MATERIAL SUPPLIED:
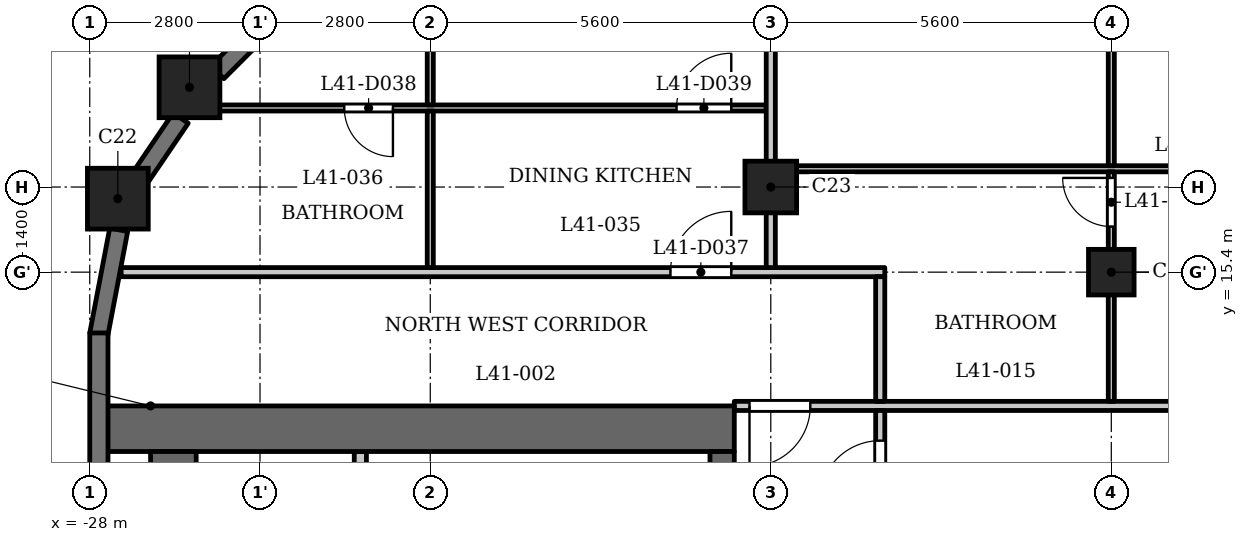
"""IFC4 building model, lengths in metres.
Left out: names, types, materials, properties, quantities, classifications, styles, units other than length and angle.
Written with IfcOpenShell. Run it as: python <this file> out.ifc"""

import sys

from ifc_helpers import new_model, si_unit, direction, frame, frame_2d, origin, origin_2d, place, context, subcontext, project, spatial, rectangle, extrude, element, fill, save


model = new_model("IFC4")
c1 = context("Model", 3, precision=1e-05, world=origin(), true_north=direction((0.0, 1.0)))
c2 = subcontext(c1, "Body", "Model", "MODEL_VIEW")
j1 = project(units=[si_unit("LENGTHUNIT", "METRE"), si_unit("PLANEANGLEUNIT", "RADIAN")], contexts=[c1])
p1 = place(None, origin())
s1 = spatial("IfcSite", under=j1, at=p1, CompositionType="ELEMENT")
p2 = place(p1, origin())
s2 = spatial("IfcBuilding", under=s1, at=p2, CompositionType="ELEMENT")
p3 = place(p2, frame((0.0, 0.0, 160.6)))
s3 = spatial("IfcBuildingStorey", under=s2, at=p3, CompositionType="ELEMENT", Elevation=160.6)
for number, where, z_axis, x_axis in (
    (1, (-26.36, 18.44, 0.0), (0.0, 0.0, 1.0), (1.0, 0.0, 0.0)),
    (2, (-27.538, 16.609, 0.0), (0.0, 0.0, 1.0), (1.0, 0.0, 0.0)),
):
    element("IfcColumn", number, at=place(p3, frame(where, z_axis=z_axis, x_axis=x_axis)), inside=s3, PredefinedType="COLUMN", context=c2, shape_type="SweptSolid", body=[
        extrude(rectangle(XDim=1.0, YDim=1.0, at=origin_2d()), origin(), (0.0, 0.0, 1.0), 3.5),
    ])
p4 = place(p3, frame((-16.8, 16.8, 0.0), z_axis=(0.0, 0.0, 1.0), x_axis=(1.0, 0.0, 0.0)))
e3 = element("IfcColumn", 3, at=p4, inside=s3, PredefinedType="COLUMN", context=c2, shape_type="SweptSolid", body=[
    extrude(rectangle(XDim=0.85, YDim=0.85, at=origin_2d()), origin(), (0.0, 0.0, 1.0), 3.5),
])
p5 = place(p3, frame((-11.2, 15.4, 0.0), z_axis=(0.0, 0.0, 1.0), x_axis=(1.0, 0.0, 0.0)))
e4 = element("IfcColumn", 4, at=p5, inside=s3, PredefinedType="COLUMN", context=c2, shape_type="SweptSolid", body=[
    extrude(rectangle(XDim=0.75, YDim=0.75, at=origin_2d()), origin(), (0.0, 0.0, 1.0), 3.5),
])
p6 = place(p3, frame((-23.991, 20.597, 0.0), z_axis=(0.0, 0.0, 1.0), x_axis=(-0.707106781187, -0.707106781187, 0.0)))
e5 = element("IfcWall", 5, at=p6, inside=s3, PredefinedType="SOLIDWALL", context=c2, shape_type="SweptSolid", body=[
    extrude(rectangle(XDim=2.7, YDim=0.3, at=frame_2d((1.35, 0.0))), origin(), (0.0, 0.0, 1.0), 2.45),
])
p7 = place(p6, frame((0.75, 0.0, 0.6)))
e6 = element("IfcOpeningElement", 6, at=p7, cuts=e5, PredefinedType="OPENING", context=c2, shape_type="SweptSolid", body=[
    extrude(rectangle(XDim=1.2, YDim=1.55, at=frame_2d((0.6, 0.775))), frame((0.0, 0.16, 0.0), z_axis=(0.0, -1.0, 0.0), x_axis=(1.0, 0.0, 0.0)), (0.0, 0.0, 1.0), 0.32),
])
p8 = place(p3, frame((-26.504, 17.934, 0.0), z_axis=(0.0, 0.0, 1.0), x_axis=(-0.562145470373, -0.827038372833, 0.0)))
e7 = element("IfcWall", 7, at=p8, inside=s3, PredefinedType="SOLIDWALL", context=c2, shape_type="SweptSolid", body=[
    extrude(rectangle(XDim=1.177, YDim=0.3, at=frame_2d((0.588, 0.0))), origin(), (0.0, 0.0, 1.0), 3.2),
])
p9 = place(p3, frame((-27.524, 16.097, 0.0), z_axis=(0.0, 0.0, 1.0), x_axis=(-0.187259034321, -0.982310569049, 0.0)))
e8 = element("IfcWall", 8, at=p9, inside=s3, PredefinedType="SOLIDWALL", context=c2, shape_type="SweptSolid", body=[
    extrude(rectangle(XDim=1.756, YDim=0.3, at=frame_2d((0.878, 0.0))), origin(), (0.0, 0.0, 1.0), 2.45),
])
p10 = place(p3, frame((-27.85, 14.4, 0.0), z_axis=(0.0, 0.0, 1.0), x_axis=(0.0, -1.0, 0.0)))
e9 = element("IfcWall", 9, at=p10, inside=s3, PredefinedType="SOLIDWALL", context=c2, shape_type="SweptSolid", body=[
    extrude(rectangle(XDim=2.7, YDim=0.3, at=frame_2d((1.35, 0.0))), origin(), (0.0, 0.0, 1.0), 2.45),
])
p11 = place(p3, frame((-17.4, 12.825, 0.0), z_axis=(0.0, 0.0, 1.0), x_axis=(-1.0, 0.0, 0.0)))
e10 = element("IfcWall", 10, at=p11, inside=s3, PredefinedType="SHEAR", context=c2, shape_type="SweptSolid", body=[
    extrude(rectangle(XDim=10.4, YDim=0.75, at=frame_2d((5.2, 0.0))), origin(), (0.0, 0.0, 1.0), 3.2),
])
p12 = place(p3, frame((-17.6, -12.45, 0.0), z_axis=(0.0, 0.0, 1.0), x_axis=(0.0, 1.0, 0.0)))
e11 = element("IfcWall", 11, at=p12, inside=s3, PredefinedType="SHEAR", context=c2, shape_type="SweptSolid", body=[
    extrude(rectangle(XDim=24.9, YDim=0.4, at=frame_2d((12.45, 0.0))), origin(), (0.0, 0.0, 1.0), 3.2),
])
p13 = place(p12, frame((8.65, 0.0, 0.0)))
e12 = element("IfcOpeningElement", 12, at=p13, cuts=e11, PredefinedType="OPENING", context=c2, shape_type="SweptSolid", body=[
    extrude(rectangle(XDim=0.9, YDim=2.1, at=frame_2d((0.45, 1.05))), frame((0.0, 0.21, 0.0), z_axis=(0.0, -1.0, 0.0), x_axis=(1.0, 0.0, 0.0)), (0.0, 0.0, 1.0), 0.42),
])
p14 = place(p12, frame((15.6, 0.0, 0.0)))
e13 = element("IfcOpeningElement", 13, at=p14, cuts=e11, PredefinedType="OPENING", context=c2, shape_type="SweptSolid", body=[
    extrude(rectangle(XDim=1.1, YDim=2.1, at=frame_2d((0.55, 1.05))), frame((0.0, 0.21, 0.0), z_axis=(0.0, -1.0, 0.0), x_axis=(1.0, 0.0, 0.0)), (0.0, 0.0, 1.0), 0.42),
])
p15 = place(p12, frame((18.0, 0.0, 0.0)))
e14 = element("IfcOpeningElement", 14, at=p15, cuts=e11, PredefinedType="OPENING", context=c2, shape_type="SweptSolid", body=[
    extrude(rectangle(XDim=1.1, YDim=2.1, at=frame_2d((0.55, 1.05))), frame((0.0, 0.21, 0.0), z_axis=(0.0, -1.0, 0.0), x_axis=(1.0, 0.0, 0.0)), (0.0, 0.0, 1.0), 0.42),
])
p16 = place(p12, frame((23.025, 0.0, 0.0)))
e15 = element("IfcOpeningElement", 15, at=p16, cuts=e11, PredefinedType="OPENING", context=c2, shape_type="SweptSolid", body=[
    extrude(rectangle(XDim=1.1, YDim=2.1, at=frame_2d((0.55, 1.05))), frame((0.0, 0.21, 0.0), z_axis=(0.0, -1.0, 0.0), x_axis=(1.0, 0.0, 0.0)), (0.0, 0.0, 1.0), 0.42),
])
p17 = place(p12, frame((0.775, 0.0, 0.0)))
e16 = element("IfcOpeningElement", 16, at=p17, cuts=e11, PredefinedType="OPENING", context=c2, shape_type="SweptSolid", body=[
    extrude(rectangle(XDim=1.1, YDim=2.1, at=frame_2d((0.55, 1.05))), frame((0.0, 0.21, 0.0), z_axis=(0.0, -1.0, 0.0), x_axis=(1.0, 0.0, 0.0)), (0.0, 0.0, 1.0), 0.42),
])
p18 = place(p12, frame((12.925, 0.0, 0.0)))
e17 = element("IfcOpeningElement", 17, at=p18, cuts=e11, PredefinedType="OPENING", context=c2, shape_type="SweptSolid", body=[
    extrude(rectangle(XDim=1.8, YDim=2.1, at=frame_2d((0.9, 1.05))), frame((0.0, 0.21, 0.0), z_axis=(0.0, -1.0, 0.0), x_axis=(1.0, 0.0, 0.0)), (0.0, 0.0, 1.0), 0.42),
])
p19 = place(p3, frame((-26.625, -12.45, 0.0), z_axis=(0.0, 0.0, 1.0), x_axis=(0.0, 1.0, 0.0)))
e18 = element("IfcWall", 18, at=p19, inside=s3, PredefinedType="SHEAR", context=c2, shape_type="SweptSolid", body=[
    extrude(rectangle(XDim=24.9, YDim=0.75, at=frame_2d((12.45, 0.0))), origin(), (0.0, 0.0, 1.0), 3.2),
])
p20 = place(p3, frame((-23.55, 9.8, 0.0), z_axis=(0.0, 0.0, 1.0), x_axis=(0.0, 1.0, 0.0)))
e19 = element("IfcWall", 19, at=p20, inside=s3, PredefinedType="PARTITIONING", context=c2, shape_type="SweptSolid", body=[
    extrude(rectangle(XDim=2.65, YDim=0.2, at=frame_2d((1.325, 0.0))), origin(), (0.0, 0.0, 1.0), 3.2),
])
p21 = place(p20, frame((0.875, 0.0, 0.0)))
e20 = element("IfcOpeningElement", 20, at=p21, cuts=e19, PredefinedType="OPENING", context=c2, shape_type="SweptSolid", body=[
    extrude(rectangle(XDim=0.9, YDim=2.1, at=frame_2d((0.45, 1.05))), frame((0.0, 0.11, 0.0), z_axis=(0.0, -1.0, 0.0), x_axis=(1.0, 0.0, 0.0)), (0.0, 0.0, 1.0), 0.22),
])
p22 = place(p3, frame((-17.4, 13.2, 0.0), z_axis=(0.0, 0.0, 1.0), x_axis=(1.0, 0.0, 0.0)))
e21 = element("IfcWall", 21, at=p22, inside=s3, PredefinedType="PARTITIONING", context=c2, shape_type="SweptSolid", body=[
    extrude(rectangle(XDim=34.8, YDim=0.15, at=frame_2d((17.4, 0.0))), origin(), (0.0, 0.0, 1.0), 3.2),
])
p23 = place(p22, frame((0.25, 0.0, 0.0)))
e22 = element("IfcOpeningElement", 22, at=p23, cuts=e21, PredefinedType="OPENING", context=c2, shape_type="SweptSolid", body=[
    extrude(rectangle(XDim=1.0, YDim=2.1, at=frame_2d((0.5, 1.05))), frame((0.0, 0.085, 0.0), z_axis=(0.0, -1.0, 0.0), x_axis=(1.0, 0.0, 0.0)), (0.0, 0.0, 1.0), 0.17),
])
p24 = place(p22, frame((33.65, 0.0, 0.0)))
e23 = element("IfcOpeningElement", 23, at=p24, cuts=e21, PredefinedType="OPENING", context=c2, shape_type="SweptSolid", body=[
    extrude(rectangle(XDim=1.0, YDim=2.1, at=frame_2d((0.5, 1.05))), frame((0.0, 0.085, 0.0), z_axis=(0.0, -1.0, 0.0), x_axis=(1.0, 0.0, 0.0)), (0.0, 0.0, 1.0), 0.17),
])
p25 = place(p22, frame((15.75, 0.0, 0.0)))
e24 = element("IfcOpeningElement", 24, at=p25, cuts=e21, PredefinedType="OPENING", context=c2, shape_type="SweptSolid", body=[
    extrude(rectangle(XDim=1.0, YDim=2.1, at=frame_2d((0.5, 1.05))), frame((0.0, 0.085, 0.0), z_axis=(0.0, -1.0, 0.0), x_axis=(1.0, 0.0, 0.0)), (0.0, 0.0, 1.0), 0.17),
])
p26 = place(p22, frame((20.85, 0.0, 0.0)))
e25 = element("IfcOpeningElement", 25, at=p26, cuts=e21, PredefinedType="OPENING", context=c2, shape_type="SweptSolid", body=[
    extrude(rectangle(XDim=1.0, YDim=2.1, at=frame_2d((0.5, 1.05))), frame((0.0, 0.085, 0.0), z_axis=(0.0, -1.0, 0.0), x_axis=(1.0, 0.0, 0.0)), (0.0, 0.0, 1.0), 0.17),
])
p27 = place(p22, frame((23.55, 0.0, 0.0)))
e26 = element("IfcOpeningElement", 26, at=p27, cuts=e21, PredefinedType="OPENING", context=c2, shape_type="SweptSolid", body=[
    extrude(rectangle(XDim=1.0, YDim=2.1, at=frame_2d((0.5, 1.05))), frame((0.0, 0.085, 0.0), z_axis=(0.0, -1.0, 0.0), x_axis=(1.0, 0.0, 0.0)), (0.0, 0.0, 1.0), 0.17),
])
p28 = place(p3, frame((-27.484, 15.4, 0.0), z_axis=(0.0, 0.0, 1.0), x_axis=(1.0, 0.0, 0.0)))
e27 = element("IfcWall", 27, at=p28, inside=s3, PredefinedType="PARTITIONING", context=c2, shape_type="SweptSolid", body=[
    extrude(rectangle(XDim=12.559, YDim=0.15, at=frame_2d((6.279, 0.0))), origin(), (0.0, 0.0, 1.0), 3.2),
])
p29 = place(p28, frame((9.034, 0.0, 0.0)))
e28 = element("IfcOpeningElement", 28, at=p29, cuts=e27, PredefinedType="OPENING", context=c2, shape_type="SweptSolid", body=[
    extrude(rectangle(XDim=1.0, YDim=2.1, at=frame_2d((0.5, 1.05))), frame((0.0, 0.085, 0.0), z_axis=(0.0, -1.0, 0.0), x_axis=(1.0, 0.0, 0.0)), (0.0, 0.0, 1.0), 0.17),
])
p30 = place(p3, frame((-16.725, 17.1, 0.0), z_axis=(0.0, 0.0, 1.0), x_axis=(1.0, 0.0, 0.0)))
e29 = element("IfcWall", 29, at=p30, inside=s3, PredefinedType="PARTITIONING", context=c2, shape_type="SweptSolid", body=[
    extrude(rectangle(XDim=33.45, YDim=0.1, at=frame_2d((16.725, 0.0))), origin(), (0.0, 0.0, 1.0), 3.2),
])
p31 = place(p30, frame((11.925, 0.0, 0.0)))
e30 = element("IfcOpeningElement", 30, at=p31, cuts=e29, PredefinedType="OPENING", context=c2, shape_type="SweptSolid", body=[
    extrude(rectangle(XDim=0.9, YDim=2.1, at=frame_2d((0.45, 1.05))), frame((0.0, 0.06, 0.0), z_axis=(0.0, -1.0, 0.0), x_axis=(1.0, 0.0, 0.0)), (0.0, 0.0, 1.0), 0.12),
])
p32 = place(p30, frame((15.175, 0.0, 0.0)))
e31 = element("IfcOpeningElement", 31, at=p32, cuts=e29, PredefinedType="OPENING", context=c2, shape_type="SweptSolid", body=[
    extrude(rectangle(XDim=0.9, YDim=2.1, at=frame_2d((0.45, 1.05))), frame((0.0, 0.06, 0.0), z_axis=(0.0, -1.0, 0.0), x_axis=(1.0, 0.0, 0.0)), (0.0, 0.0, 1.0), 0.12),
])
p33 = place(p30, frame((6.575, 0.0, 0.0)))
e32 = element("IfcOpeningElement", 32, at=p33, cuts=e29, PredefinedType="OPENING", context=c2, shape_type="SweptSolid", body=[
    extrude(rectangle(XDim=0.9, YDim=2.1, at=frame_2d((0.45, 1.05))), frame((0.0, 0.06, 0.0), z_axis=(0.0, -1.0, 0.0), x_axis=(1.0, 0.0, 0.0)), (0.0, 0.0, 1.0), 0.12),
])
p34 = place(p30, frame((17.375, 0.0, 0.0)))
e33 = element("IfcOpeningElement", 33, at=p34, cuts=e29, PredefinedType="OPENING", context=c2, shape_type="SweptSolid", body=[
    extrude(rectangle(XDim=0.8, YDim=2.1, at=frame_2d((0.4, 1.05))), frame((0.0, 0.06, 0.0), z_axis=(0.0, -1.0, 0.0), x_axis=(1.0, 0.0, 0.0)), (0.0, 0.0, 1.0), 0.12),
])
p35 = place(p30, frame((20.025, 0.0, 0.0)))
e34 = element("IfcOpeningElement", 34, at=p35, cuts=e29, PredefinedType="OPENING", context=c2, shape_type="SweptSolid", body=[
    extrude(rectangle(XDim=0.9, YDim=2.1, at=frame_2d((0.45, 1.05))), frame((0.0, 0.06, 0.0), z_axis=(0.0, -1.0, 0.0), x_axis=(1.0, 0.0, 0.0)), (0.0, 0.0, 1.0), 0.12),
])
p36 = place(p30, frame((26.425, 0.0, 0.0)))
e35 = element("IfcOpeningElement", 35, at=p36, cuts=e29, PredefinedType="OPENING", context=c2, shape_type="SweptSolid", body=[
    extrude(rectangle(XDim=0.8, YDim=2.1, at=frame_2d((0.4, 1.05))), frame((0.0, 0.06, 0.0), z_axis=(0.0, -1.0, 0.0), x_axis=(1.0, 0.0, 0.0)), (0.0, 0.0, 1.0), 0.12),
])
p37 = place(p30, frame((23.025, 0.0, 0.0)))
e36 = element("IfcOpeningElement", 36, at=p37, cuts=e29, PredefinedType="OPENING", context=c2, shape_type="SweptSolid", body=[
    extrude(rectangle(XDim=0.9, YDim=2.1, at=frame_2d((0.45, 1.05))), frame((0.0, 0.06, 0.0), z_axis=(0.0, -1.0, 0.0), x_axis=(1.0, 0.0, 0.0)), (0.0, 0.0, 1.0), 0.12),
])
p38 = place(p30, frame((28.575, 0.0, 0.0)))
e37 = element("IfcOpeningElement", 37, at=p38, cuts=e29, PredefinedType="OPENING", context=c2, shape_type="SweptSolid", body=[
    extrude(rectangle(XDim=0.8, YDim=2.1, at=frame_2d((0.4, 1.05))), frame((0.0, 0.06, 0.0), z_axis=(0.0, -1.0, 0.0), x_axis=(1.0, 0.0, 0.0)), (0.0, 0.0, 1.0), 0.12),
])
p39 = place(p30, frame((30.725, 0.0, 0.0)))
e38 = element("IfcOpeningElement", 38, at=p39, cuts=e29, PredefinedType="OPENING", context=c2, shape_type="SweptSolid", body=[
    extrude(rectangle(XDim=0.9, YDim=2.1, at=frame_2d((0.45, 1.05))), frame((0.0, 0.06, 0.0), z_axis=(0.0, -1.0, 0.0), x_axis=(1.0, 0.0, 0.0)), (0.0, 0.0, 1.0), 0.12),
])
p40 = place(p3, frame((-26.44, 18.1, 0.0), z_axis=(0.0, 0.0, 1.0), x_axis=(1.0, 0.0, 0.0)))
e39 = element("IfcWall", 39, at=p40, inside=s3, PredefinedType="PARTITIONING", context=c2, shape_type="SweptSolid", body=[
    extrude(rectangle(XDim=9.565, YDim=0.1, at=frame_2d((4.782, 0.0))), origin(), (0.0, 0.0, 1.0), 3.2),
])
p41 = place(p40, frame((2.626, 0.0, 0.0)))
e40 = element("IfcOpeningElement", 40, at=p41, cuts=e39, PredefinedType="OPENING", context=c2, shape_type="SweptSolid", body=[
    extrude(rectangle(XDim=0.8, YDim=2.1, at=frame_2d((0.4, 1.05))), frame((0.0, 0.06, 0.0), z_axis=(0.0, -1.0, 0.0), x_axis=(1.0, 0.0, 0.0)), (0.0, 0.0, 1.0), 0.12),
])
p42 = place(p40, frame((8.09, 0.0, 0.0)))
e41 = element("IfcOpeningElement", 41, at=p42, cuts=e39, PredefinedType="OPENING", context=c2, shape_type="SweptSolid", body=[
    extrude(rectangle(XDim=0.9, YDim=2.1, at=frame_2d((0.45, 1.05))), frame((0.0, 0.06, 0.0), z_axis=(0.0, -1.0, 0.0), x_axis=(1.0, 0.0, 0.0)), (0.0, 0.0, 1.0), 0.12),
])
p43 = place(p3, frame((-22.4, 15.475, 0.0), z_axis=(0.0, 0.0, 1.0), x_axis=(0.0, 1.0, 0.0)))
e42 = element("IfcWall", 42, at=p43, inside=s3, PredefinedType="PARTITIONING", context=c2, shape_type="SweptSolid", body=[
    extrude(rectangle(XDim=2.575, YDim=0.1, at=frame_2d((1.288, 0.0))), origin(), (0.0, 0.0, 1.0), 3.2),
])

WHAT YOU NEED TO DO:
Please filter the data down to the lines containing the word "under".

ANSWER SPACE:
s1 = spatial("IfcSite", under=j1, at=p1, CompositionType="ELEMENT")
s2 = spatial("IfcBuilding", under=s1, at=p2, CompositionType="ELEMENT")
s3 = spatial("IfcBuildingStorey", under=s2, at=p3, CompositionType="ELEMENT", Elevation=160.6)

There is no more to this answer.